Extracted information below:

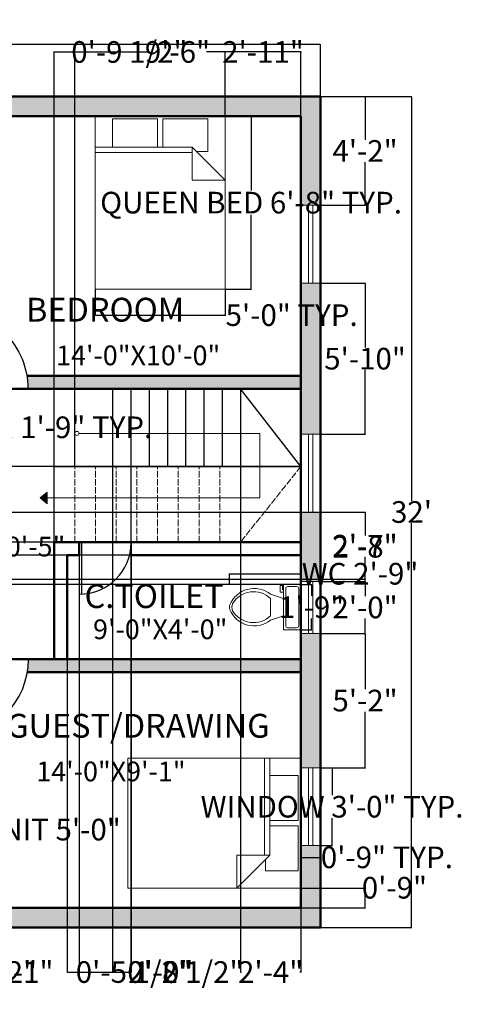
# Model space of a CAD drawing. Units: inches. Extents: x 168 to 640, y -211 to 244.
# Tile 3 of 3: x 436 to 640, y -211 to 244. Entities that reach past the tile are written whole.
import ezdxf

# ---------------------------------------------------------------- set-up
doc = ezdxf.new("R2010")
doc.units = ezdxf.units.IN
doc.header["$MEASUREMENT"] = 0
doc.linetypes.add('ACAD_ISO02W100', pattern=[15, 12, -3])
for name, color, linetype, lineweight in [('A-ANNO-DIMS', 2, 'Continuous', 18), ('A-ANNO-SYMB', 7, 'Continuous', 18), ('A-AREA-IDEN', 7, 'Continuous', 25), ('A-DOOR', 4, 'Continuous', 25), ('A-FLOR-FIXT', 9, 'Continuous', 18), ('A-FLOR-STRS', 7, 'Continuous', 25), ('A-FLOR-STRS-OVHD', 8, 'ACAD_ISO02W100', 18), ('A-FURN', 8, 'Continuous', 18), ('A-GLAZ', 4, 'Continuous', 18), ('A-WALL', 7, 'Continuous', 50)]:
    doc.layers.add(name, color=color, linetype=linetype, lineweight=lineweight)
doc.layers.add('A-WALL-PATT', color=251, linetype='Continuous', lineweight=13, true_color=0x636466)
doc.styles.get("Standard").update_dxf_attribs({"font": 'arial.ttf'})
doc.dimstyles.get("Standard").update_dxf_attribs({"dimtxt": 10, "dimasz": 0.18, "dimexe": 0.18, "dimexo": 0.0625, "dimgap": 0.09, "dimtad": 0, "dimtih": 1, "dimtoh": 1, "dimdec": 0, "dimzin": 0, "dimdsep": 46, "dimlunit": 3, "dimtxsty": 'Standard', "dimcen": 0.09, "dimadec": 0, "dimazin": 0, "dimtfac": 1, "dimtdec": 0, "dimtofl": 0, "dimtmove": 0, "dimatfit": 3, "dimfxl": 1, "dimtolj": 1, "dimtzin": 0, "dimarcsym": 0})

# ---------------------------------------------------------------- blocks, each defined once
blk = doc.blocks.new('*D1')
at = {"layer": 'A-ANNO-DIMS', "color": 0, "lineweight": -2, "transparency": 16777216}
for p, q in [((574.7, 208.8), (616.93, 208.8)), ((616.75, 208.62), (616.75, 22)), ((616.75, -175.02), (616.75, 11.6)), ((574.7, -175.2), (616.93, -175.2))]:
    blk.add_line(p, q, dxfattribs=at)
at = {"layer": 'A-ANNO-DIMS', "color": 0, "transparency": 16777216}
for points in [[(616.72, 208.62), (616.78, 208.62), (616.75, 208.8)], [(616.72, -175.02), (616.78, -175.02), (616.75, -175.2)]]:
    blk.add_solid(points, dxfattribs=at)
at = {"layer": 'Defpoints', "color": 0, "transparency": 16777216}
for p in [(574.63, 208.8), (574.63, -175.2), (616.75, -175.2)]:
    blk.add_point(p, dxfattribs=at)
at = {"layer": 'A-ANNO-DIMS', "color": 0, "transparency": 16777216, "insert": (616.75, 16.8), "char_height": 10, "attachment_point": 5}
blk.add_mtext("\\A1;32'", dxfattribs=at)
blk = doc.blocks.new('*D2')
at = {"layer": 'A-ANNO-DIMS', "color": 0, "lineweight": -2, "transparency": 16777216}
for p, q in [((214.63, 208.86), (214.63, 233.12)), ((214.81, 232.94), (386.06, 232.94)), ((574.45, 232.94), (403.21, 232.94)), ((574.63, 208.86), (574.63, 233.12))]:
    blk.add_line(p, q, dxfattribs=at)
at = {"layer": 'A-ANNO-DIMS', "color": 0, "transparency": 16777216}
for points in [[(214.81, 232.97), (214.81, 232.91), (214.63, 232.94)], [(574.45, 232.97), (574.45, 232.91), (574.63, 232.94)]]:
    blk.add_solid(points, dxfattribs=at)
at = {"layer": 'Defpoints', "color": 0, "transparency": 16777216}
for p in [(214.63, 232.94), (214.63, 208.8), (574.63, 208.8)]:
    blk.add_point(p, dxfattribs=at)
at = {"layer": 'A-ANNO-DIMS', "color": 0, "transparency": 16777216, "insert": (394.63, 232.94), "char_height": 10, "attachment_point": 5}
blk.add_mtext("\\A1;30'", dxfattribs=at)
blk = doc.blocks.new('Toilet - top')
for p, q in [((9.5, -6), (9.5, -2)), ((-10, -8.5), (-8, -8.5)), ((-10, -9.5), (-10, -8.5)), ((-8, -8.5), (-8, -8)), ((-7, -8), (-7, -9.5)), ((-4, -8), (-6, -14)), ((4, -8), (6, -14)), ((-7, -9.5), (-10, -9.5)), ((4, -14), (-4, -14))]:
    blk.add_line(p, q)
blk.add_lwpolyline([(10.5, -8), (10.5, 0), (-10.5, 0), (-10.5, -8)], close=True)
for points in [[(-9.5, -2), (-9.5, -6)], [(8.5, -1), (-8.5, -1)], [(-8.5, -7), (8.5, -7)]]:
    blk.add_lwpolyline(points)
for centre, radius, start, end in [((-8.62, -1.88), 0.884, 81.8699, 188.1301), ((8.62, -1.88), 0.884, 351.8699, 98.1301), ((-8.62, -6.12), 0.884, 171.8699, 278.1301), ((8.62, -6.12), 0.884, 261.8699, 8.1301), ((3.52, -21.58), 12.17, 141.4691, 247.9714), ((4.2, -21.82), 11.33, 136.3677, 238.9468), ((-3.52, -21.58), 12.17, 292.0284, 38.5307), ((-4.2, -21.82), 11.33, 301.053, 43.6321), ((0, -27.88), 4, 245.7318, 294.2682), ((0, -29), 4, 254.8605, 285.1395)]:
    blk.add_arc(centre, radius, start, end)
blk = doc.blocks.new('Bed - Queen')
for p, q in [((0, -80.00003), (0, 0)), ((0, 0), (59.99999, 0)), ((59.99999, 0), (59.99999, -80.00003)), ((7.99999, -1.2), (28.79998, -1.2)), ((7.99999, -14.4), (7.99999, -1.2)), ((28.79998, -1.2), (28.79998, -14.4)), ((31.19999, -1.2), (51.99999, -1.2)), ((31.19999, -14.4), (31.19999, -1.2)), ((51.99999, -1.2), (51.99999, -16.4)), ((0, -14.4), (44.8, -14.4)), ((44.8, -16.8), (0, -16.8)), ((59.99999, -29.6), (44.8, -14.4)), ((44.8, -14.4), (44.8, -29.6)), ((51.99999, -16.4), (46.79936, -16.4)), ((44.8, -29.6), (59.99999, -29.6)), ((59.99999, -80.00003), (0, -80.00003))]:
    blk.add_line(p, q)
blk = doc.blocks.new('DOOR-SWING-36IN')
for p, q in [((0, 36), (0, 0)), ((1, 36), (1, 0))]:
    blk.add_line(p, q)
blk.add_arc((0, 36), 36, 270, 0)
blk = doc.blocks.new('WIN-36IN-WALL9')
at = {"ltscale": 0.25}
for p, q in [((0, 36), (9, 36)), ((3.5, 36), (3.5, 0)), ((5.5, 36), (5.5, 0)), ((9, 0), (0, 0))]:
    blk.add_line(p, q, dxfattribs=at)
blk = doc.blocks.new('*D9')
at = {"layer": 'A-ANNO-DIMS', "color": 0, "lineweight": -2, "ltscale": 0.25, "transparency": 16777216}
for p, q in [((574.7, -101.43), (580.21, -101.43)), ((580.03, -101.61), (580.03, -114.16)), ((580.03, -137.25), (580.03, -124.7)), ((574.7, -137.43), (580.21, -137.43))]:
    blk.add_line(p, q, dxfattribs=at)
at = {"layer": 'A-ANNO-DIMS', "color": 0, "ltscale": 0.25, "transparency": 16777216}
for points in [[(580, -101.61), (580.06, -101.61), (580.03, -101.43)], [(580, -137.25), (580.06, -137.25), (580.03, -137.43)]]:
    blk.add_solid(points, dxfattribs=at)
at = {"layer": 'Defpoints', "color": 0, "ltscale": 0.25, "transparency": 16777216}
for p in [(574.63, -101.43), (580.03, -101.43), (574.63, -137.43)]:
    blk.add_point(p, dxfattribs=at)
at = {"layer": 'A-ANNO-DIMS', "color": 0, "ltscale": 0.25, "transparency": 16777216, "insert": (580.03, -119.43), "char_height": 10, "attachment_point": 5}
blk.add_mtext('\\A1;WINDOW 3\'-0" TYP.', dxfattribs=at)
blk = doc.blocks.new('*D10')
at = {"layer": 'A-ANNO-DIMS', "color": 0, "lineweight": -2, "ltscale": 0.25, "transparency": 16777216}
for p, q in [((565.63, -137.49), (565.63, -143.01)), ((574.63, -137.49), (574.63, -143.01)), ((565.81, -142.83), (574.45, -142.83)), ((574.63, -142.83), (574.81, -142.83))]:
    blk.add_line(p, q, dxfattribs=at)
at = {"layer": 'A-ANNO-DIMS', "color": 0, "ltscale": 0.25, "transparency": 16777216}
for points in [[(565.81, -142.8), (565.81, -142.86), (565.63, -142.83)], [(574.45, -142.8), (574.45, -142.86), (574.63, -142.83)]]:
    blk.add_solid(points, dxfattribs=at)
at = {"layer": 'Defpoints', "color": 0, "ltscale": 0.25, "transparency": 16777216}
for p in [(565.63, -137.43), (574.63, -137.43), (574.63, -142.83)]:
    blk.add_point(p, dxfattribs=at)
at = {"layer": 'A-ANNO-DIMS', "color": 0, "ltscale": 0.25, "transparency": 16777216, "insert": (605.38, -142.83), "char_height": 10, "attachment_point": 5}
blk.add_mtext('\\A1;0\'-9" TYP.', dxfattribs=at)
blk = doc.blocks.new('*D13')
at = {"layer": 'A-ANNO-DIMS', "color": 0, "lineweight": -2, "ltscale": 0.25, "transparency": 16777216}
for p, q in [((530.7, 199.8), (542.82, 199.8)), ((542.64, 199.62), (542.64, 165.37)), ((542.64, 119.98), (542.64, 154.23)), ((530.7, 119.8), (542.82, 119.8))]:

End of Extracted information.

## [Problem requirements]
From the very first line of the listing above through the line that holds "doc.linetypes.add('ACAD_ISO02W100', pattern=[15, 12, -3])", write out each line exactly as it stands, leaving pictures out.

## [Answer for this exercise]
# Model space of a CAD drawing. Units: inches. Extents: x 168 to 640, y -211 to 244.
# Tile 3 of 3: x 436 to 640, y -211 to 244. Entities that reach past the tile are written whole.
import ezdxf

# ---------------------------------------------------------------- set-up
doc = ezdxf.new("R2010")
doc.units = ezdxf.units.IN
doc.header["$MEASUREMENT"] = 0
doc.linetypes.add('ACAD_ISO02W100', pattern=[15, 12, -3])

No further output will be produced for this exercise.